[Source data]
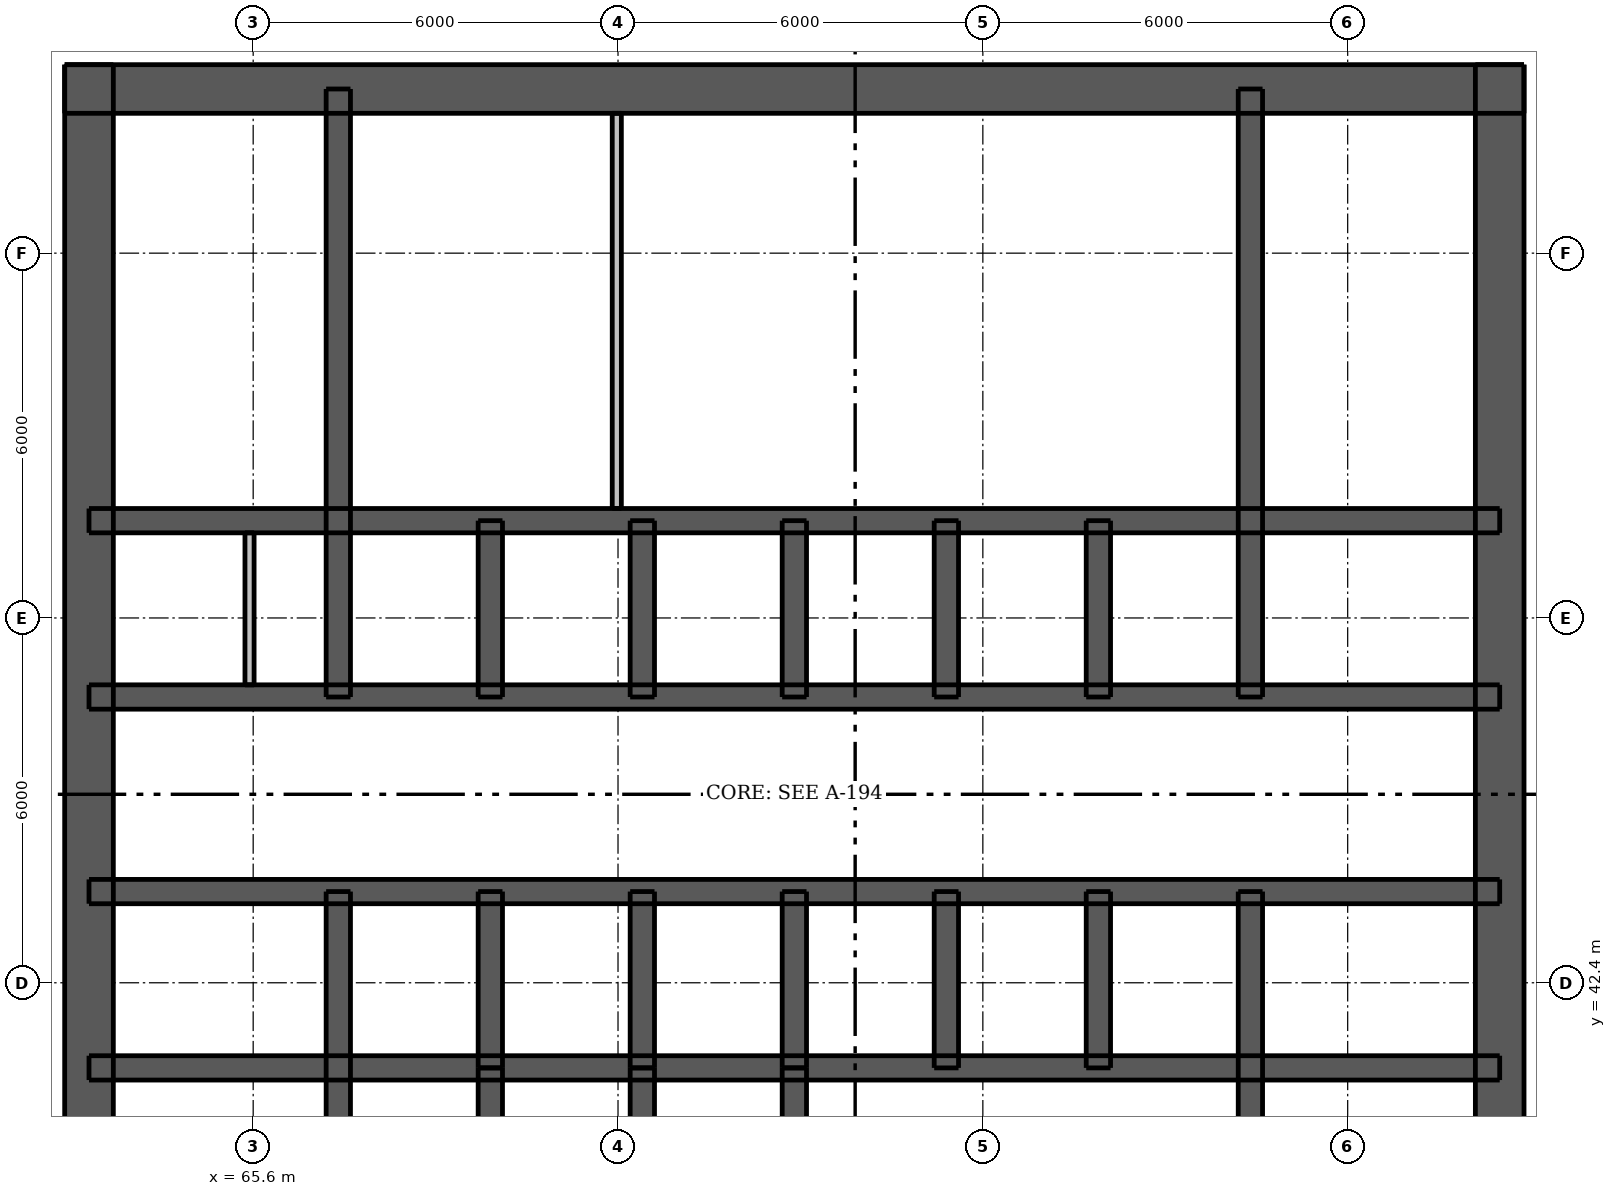
"""IFC4 building model, lengths in metres.
Left out: names, types, materials, properties, quantities, classifications, styles, units other than length and angle.
Written with IfcOpenShell. Run it as: python <this file> out.ifc"""

import sys

from ifc_helpers import new_model, si_unit, direction, frame, frame_2d, origin, place, context, subcontext, project, spatial, rectangle, extrude, element, fill, save


model = new_model("IFC4")
c1 = context("Model", 3, precision=1e-05, world=origin(), true_north=direction((0.0, 1.0)))
c2 = subcontext(c1, "Body", "Model", "MODEL_VIEW")
j1 = project(units=[si_unit("LENGTHUNIT", "METRE"), si_unit("PLANEANGLEUNIT", "RADIAN")], contexts=[c1])
p1 = place(None, origin())
s1 = spatial("IfcSite", under=j1, at=p1, CompositionType="ELEMENT")
p2 = place(p1, origin())
s2 = spatial("IfcBuilding", under=s1, at=p2, CompositionType="ELEMENT")
p3 = place(p2, frame((0.0, 0.0, 98.5)))
s3 = spatial("IfcBuildingStorey", under=s2, at=p3, CompositionType="ELEMENT", Elevation=98.5)
p4 = place(p3, frame((62.5, 57.1, 0.0), z_axis=(0.0, 0.0, 1.0), x_axis=(1.0, 0.0, 0.0)))
e1 = element("IfcWall", 1, at=p4, inside=s3, PredefinedType="SHEAR", context=c2, shape_type="SweptSolid", body=[
    extrude(rectangle(XDim=24.0, YDim=0.8, at=frame_2d((12.0, 0.0))), origin(), (0.0, 0.0, 1.0), 3.05),
])
p5 = place(p4, frame((20.9, 0.0, 0.0)))
e2 = element("IfcOpeningElement", 2, at=p5, cuts=e1, PredefinedType="OPENING", context=c2, shape_type="SweptSolid", body=[
    extrude(rectangle(XDim=1.1, YDim=2.1, at=frame_2d((0.55, 1.05))), frame((0.0, 0.41, 0.0), z_axis=(0.0, -1.0, 0.0), x_axis=(1.0, 0.0, 0.0)), (0.0, 0.0, 1.0), 0.82),
])
p6 = place(p4, frame((2.0, 0.0, 0.0)))
e3 = element("IfcOpeningElement", 3, at=p6, cuts=e1, PredefinedType="OPENING", context=c2, shape_type="SweptSolid", body=[
    extrude(rectangle(XDim=1.1, YDim=2.1, at=frame_2d((0.55, 1.05))), frame((0.0, 0.41, 0.0), z_axis=(0.0, -1.0, 0.0), x_axis=(1.0, 0.0, 0.0)), (0.0, 0.0, 1.0), 0.82),
])
p7 = place(p4, frame((6.44, 0.0, 0.0)))
e4 = element("IfcOpeningElement", 4, at=p7, cuts=e1, PredefinedType="OPENING", context=c2, shape_type="SweptSolid", body=[
    extrude(rectangle(XDim=0.9, YDim=2.1, at=frame_2d((0.45, 1.05))), frame((0.0, 0.41, 0.0), z_axis=(0.0, -1.0, 0.0), x_axis=(1.0, 0.0, 0.0)), (0.0, 0.0, 1.0), 0.82),
])
p8 = place(p4, frame((13.74, 0.0, 0.0)))
e5 = element("IfcOpeningElement", 5, at=p8, cuts=e1, PredefinedType="OPENING", context=c2, shape_type="SweptSolid", body=[
    extrude(rectangle(XDim=0.9, YDim=2.1, at=frame_2d((0.45, 1.05))), frame((0.0, 0.41, 0.0), z_axis=(0.0, -1.0, 0.0), x_axis=(1.0, 0.0, 0.0)), (0.0, 0.0, 1.0), 0.82),
])
p9 = place(p3, frame((62.9, 33.5, 0.0), z_axis=(0.0, 0.0, 1.0), x_axis=(0.0, 1.0, 0.0)))
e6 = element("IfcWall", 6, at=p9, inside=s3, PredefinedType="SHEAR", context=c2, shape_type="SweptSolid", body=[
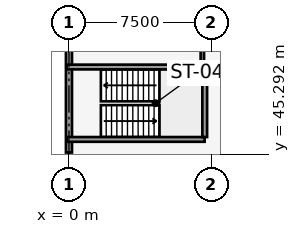
"""IFC4 building model, lengths in metres.
Left out: names, types, materials, properties, quantities, classifications, styles, units other than length and angle.
Written with IfcOpenShell. Run it as: python <this file> out.ifc"""

import sys

from ifc_helpers import new_model, si_unit, direction, frame, frame_2d, origin, origin_2d, place, context, subcontext, project, spatial, rectangle, circle, extrude, element, fill, save


model = new_model("IFC4")
c1 = context("Model", 3, precision=1e-05, world=origin(), true_north=direction((0.0, 1.0)))
c2 = subcontext(c1, "Body", "Model", "MODEL_VIEW")
j1 = project(units=[si_unit("LENGTHUNIT", "METRE"), si_unit("PLANEANGLEUNIT", "RADIAN")], contexts=[c1])
p1 = place(None, origin())
s1 = spatial("IfcSite", under=j1, at=p1, CompositionType="ELEMENT")
p2 = place(p1, origin())
s2 = spatial("IfcBuilding", under=s1, at=p2, CompositionType="ELEMENT")
p3 = place(p2, frame((0.0, 0.0, 4.8)))
s3 = spatial("IfcBuildingStorey", under=s2, at=p3, CompositionType="ELEMENT", Elevation=4.8)
p4 = place(p3, frame((0.0, 45.0, 0.0), z_axis=(0.0, 0.0, 1.0), x_axis=(1.0, 0.0, 0.0)))
e1 = element("IfcColumn", 1, at=p4, inside=s3, PredefinedType="COLUMN", context=c2, shape_type="SweptSolid", body=[
    extrude(circle(Radius=0.375, at=origin_2d()), origin(), (0.0, 0.0, 1.0), 4.2),
])
p5 = place(p3, frame((0.0, 45.385, 0.0), z_axis=(0.0, 0.0, 1.0), x_axis=(0.0, 1.0, 0.0)))
e2 = element("IfcWall", 2, at=p5, inside=s3, PredefinedType="SOLIDWALL", context=c2, shape_type="SweptSolid", body=[
    extrude(rectangle(XDim=6.73, YDim=0.32, at=frame_2d((3.365, 0.0))), origin(), (0.0, 0.0, 1.0), 2.89),
])
p6 = place(p3, frame((-0.12, 46.075, 0.0), z_axis=(0.0, 0.0, 1.0), x_axis=(1.0, 0.0, 0.0)))
e3 = element("IfcWall", 3, at=p6, inside=s3, PredefinedType="SOLIDWALL", context=c2, shape_type="SweptSolid", body=[
    extrude(rectangle(XDim=7.26, YDim=0.25, at=frame_2d((3.63, 0.0))), origin(), (0.0, 0.0, 1.0), 3.92),
])
p7 = place(p6, frame((0.56, 0.0, 0.0)))
e4 = element("IfcOpeningElement", 4, at=p7, cuts=e3, PredefinedType="OPENING", context=c2, shape_type="SweptSolid", body=[
    extrude(rectangle(XDim=1.1, YDim=2.15, at=frame_2d((0.55, 1.075))), frame((0.0, 0.135, 0.0), z_axis=(0.0, -1.0, 0.0), x_axis=(1.0, 0.0, 0.0)), (0.0, 0.0, 1.0), 0.27),
])
p8 = place(p3, frame((-0.12, 49.885, 0.0), z_axis=(0.0, 0.0, 1.0), x_axis=(1.0, 0.0, 0.0)))
e5 = element("IfcWall", 5, at=p8, inside=s3, PredefinedType="SOLIDWALL", context=c2, shape_type="SweptSolid", body=[
    extrude(rectangle(XDim=7.26, YDim=0.25, at=frame_2d((3.63, 0.0))), origin(), (0.0, 0.0, 1.0), 3.92),
])
p9 = place(p3, frame((7.145, 46.2, 0.0), z_axis=(0.0, 0.0, 1.0), x_axis=(0.0, 1.0, 0.0)))
e6 = element("IfcWall", 6, at=p9, inside=s3, PredefinedType="SOLIDWALL", context=c2, shape_type="SweptSolid", body=[
    extrude(rectangle(XDim=3.56, YDim=0.25, at=frame_2d((1.78, 0.0))), origin(), (0.0, 0.0, 1.0), 3.92),
])
p10 = place(p3, frame((7.02, 50.024, 0.0), z_axis=(0.0, 0.0, 1.0), x_axis=(0.0, 1.0, 0.0)))
e7 = element("IfcWall", 7, at=p10, inside=s3, PredefinedType="PARTITIONING", context=c2, shape_type="SweptSolid", body=[
    extrude(rectangle(XDim=2.364, YDim=0.18, at=frame_2d((1.182, 0.0))), origin(), (0.0, 0.0, 1.0), 2.89),
])
p11 = place(p7, origin())
e8 = element("IfcDoor", 8, at=p11, inside=s3, OperationType="SINGLE_SWING_LEFT", PredefinedType="DOOR", context=c2, shape_type="SweptSolid", body=[
    extrude(rectangle(XDim=1.1, YDim=2.15, at=frame_2d((0.55, 1.075))), frame((0.0, 0.025, 0.0), z_axis=(0.0, -1.0, 0.0), x_axis=(1.0, 0.0, 0.0)), (0.0, 0.0, 1.0), 0.05),
])
fill(e4, e8)
save(model, sys.argv[1])
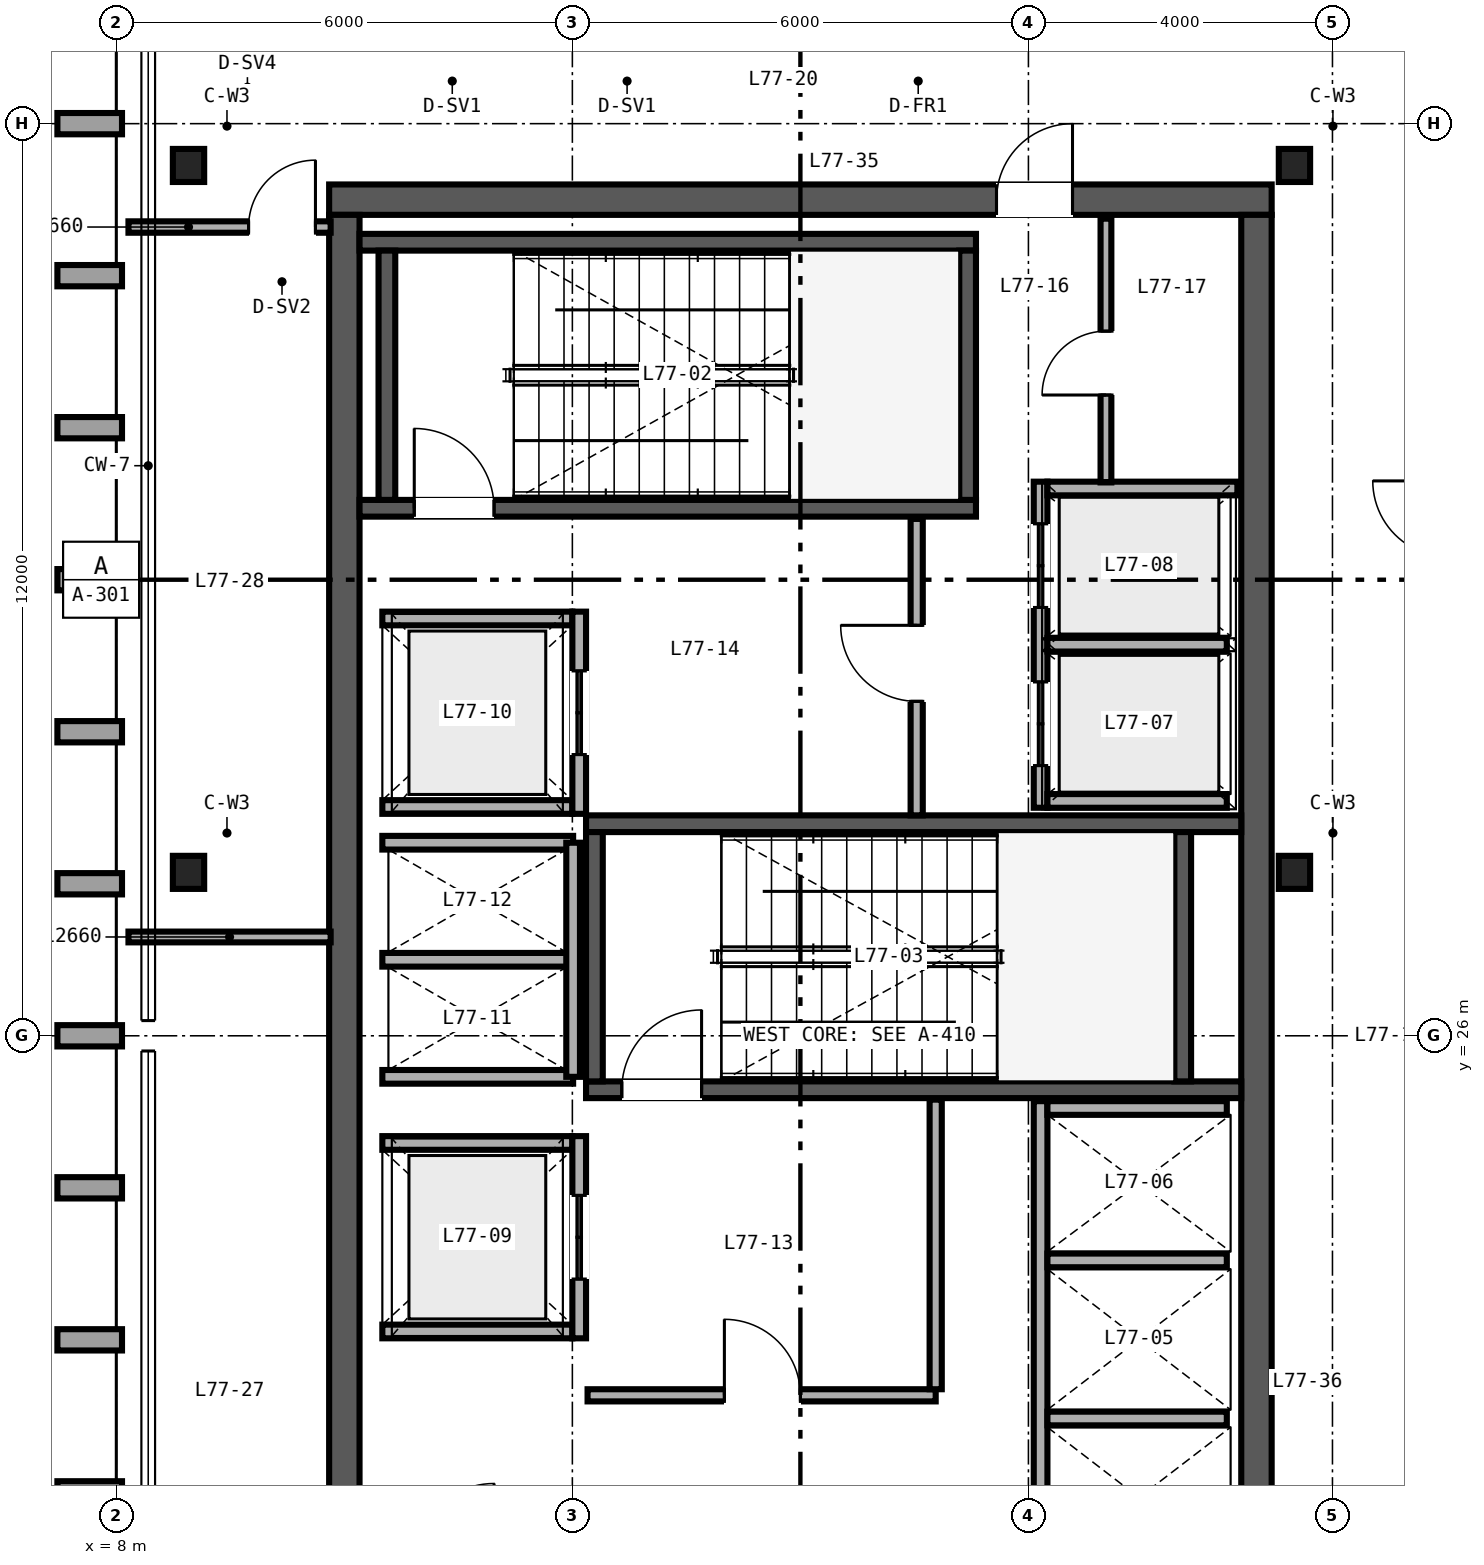
"""IFC4 building model, lengths in metres.
Left out: names, types, materials, properties, quantities, classifications, styles, units other than length and angle.
Written with IfcOpenShell. Run it as: python <this file> out.ifc"""

import sys

from ifc_helpers import new_model, si_unit, direction, frame, frame_2d, origin, origin_2d, place, context, subcontext, project, spatial, rectangle, i_section, extrude, source, transform, mapped, element, fill, save


model = new_model("IFC4")
c1 = context("Model", 3, precision=1e-05, world=origin(), true_north=direction((0.0, 1.0)))
c2 = subcontext(c1, "Body", "Model", "MODEL_VIEW")
j1 = project(units=[si_unit("LENGTHUNIT", "METRE"), si_unit("PLANEANGLEUNIT", "RADIAN")], contexts=[c1])
p1 = place(None, origin())
s1 = spatial("IfcSite", under=j1, at=p1, CompositionType="ELEMENT")
p2 = place(p1, origin())
s2 = spatial("IfcBuilding", under=s1, at=p2, CompositionType="ELEMENT")
p3 = place(p2, frame((0.0, 0.0, 301.2)))
s3 = spatial("IfcBuildingStorey", under=s2, at=p3, CompositionType="ELEMENT", Elevation=301.2)
p4 = place(p3, frame((10.8, 37.0, 0.0), z_axis=(0.0, 0.0, 1.0), x_axis=(1.0, 0.0, 0.0)))
e1 = element("IfcWall", 1, at=p4, inside=s3, PredefinedType="SHEAR", context=c2, shape_type="SweptSolid", body=[
    extrude(rectangle(XDim=12.4, YDim=0.4, at=frame_2d((6.2, 0.0))), origin(), (0.0, 0.0, 1.0), 3.92),
])
p5 = place(p4, frame((8.78, 0.0, 0.0)))
e2 = element("IfcOpeningElement", 2, at=p5, cuts=e1, PredefinedType="OPENING", context=c2, shape_type="SweptSolid", body=[
    extrude(rectangle(XDim=1.0, YDim=2.15, at=frame_2d((0.5, 1.075))), frame((0.0, 0.21, 0.0), z_axis=(0.0, -1.0, 0.0), x_axis=(1.0, 0.0, 0.0)), (0.0, 0.0, 1.0), 0.42),
])
for number, where, z_axis, x_axis in (
    (3, (11.0, 15.2, 0.0), (0.0, 0.0, 1.0), (0.0, 1.0, 0.0)),
    (4, (23.0, 15.2, 0.0), (0.0, 0.0, 1.0), (0.0, 1.0, 0.0)),
):
    element("IfcWall", number, at=place(p3, frame(where, z_axis=z_axis, x_axis=x_axis)), inside=s3, PredefinedType="SHEAR", context=c2, shape_type="SweptSolid", body=[
        extrude(rectangle(XDim=21.6, YDim=0.4, at=frame_2d((10.8, 0.0))), origin(), (0.0, 0.0, 1.0), 3.92),
    ])
p6 = place(p3, frame((11.2, 32.94, 0.0), z_axis=(0.0, 0.0, 1.0), x_axis=(1.0, 0.0, 0.0)))
e5 = element("IfcWall", 5, at=p6, inside=s3, PredefinedType="SHEAR", context=c2, shape_type="SweptSolid", body=[
    extrude(rectangle(XDim=8.11, YDim=0.22, at=frame_2d((4.055, 0.0))), origin(), (0.0, 0.0, 1.0), 4.0),
])
p7 = place(p6, frame((0.72, 0.0, 0.0)))
e6 = element("IfcOpeningElement", 6, at=p7, cuts=e5, PredefinedType="OPENING", context=c2, shape_type="SweptSolid", body=[
    extrude(rectangle(XDim=1.05, YDim=2.15, at=frame_2d((0.525, 1.075))), frame((0.0, 0.12, 0.0), z_axis=(0.0, -1.0, 0.0), x_axis=(1.0, 0.0, 0.0)), (0.0, 0.0, 1.0), 0.24),
])
p8 = place(p3, frame((11.2, 36.44, 0.0), z_axis=(0.0, 0.0, 1.0), x_axis=(1.0, 0.0, 0.0)))
e7 = element("IfcWall", 7, at=p8, inside=s3, PredefinedType="SHEAR", context=c2, shape_type="SweptSolid", body=[
    extrude(rectangle(XDim=8.11, YDim=0.22, at=frame_2d((4.055, 0.0))), origin(), (0.0, 0.0, 1.0), 4.0),
])
for number, where, z_axis, x_axis in (
    (8, (11.56, 33.05, 0.0), (0.0, 0.0, 1.0), (0.0, 1.0, 0.0)),
    (9, (19.2, 33.05, 0.0), (0.0, 0.0, 1.0), (0.0, 1.0, 0.0)),
):
    element("IfcWall", number, at=place(p3, frame(where, z_axis=z_axis, x_axis=x_axis)), inside=s3, PredefinedType="SHEAR", context=c2, shape_type="SweptSolid", body=[
        extrude(rectangle(XDim=3.28, YDim=0.22, at=frame_2d((1.64, 0.0))), origin(), (0.0, 0.0, 1.0), 4.0),
    ])
p9 = place(p3, frame((14.18, 25.29, 0.0), z_axis=(0.0, 0.0, 1.0), x_axis=(1.0, 0.0, 0.0)))
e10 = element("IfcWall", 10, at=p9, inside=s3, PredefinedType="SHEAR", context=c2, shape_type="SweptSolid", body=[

Assignment
What you give back should be only the lines of the records above, starting at the line with "p7 = place(p4, frame((6.44, 0.0, 0.0)))" and ending at the line with "p8 = place(p4, frame((13.74, 0.0, 0.0)))", restated word for word.

Solution for this exercise
p7 = place(p4, frame((6.44, 0.0, 0.0)))
e4 = element("IfcOpeningElement", 4, at=p7, cuts=e1, PredefinedType="OPENING", context=c2, shape_type="SweptSolid", body=[
    extrude(rectangle(XDim=0.9, YDim=2.1, at=frame_2d((0.45, 1.05))), frame((0.0, 0.41, 0.0), z_axis=(0.0, -1.0, 0.0), x_axis=(1.0, 0.0, 0.0)), (0.0, 0.0, 1.0), 0.82),
])
p8 = place(p4, frame((13.74, 0.0, 0.0)))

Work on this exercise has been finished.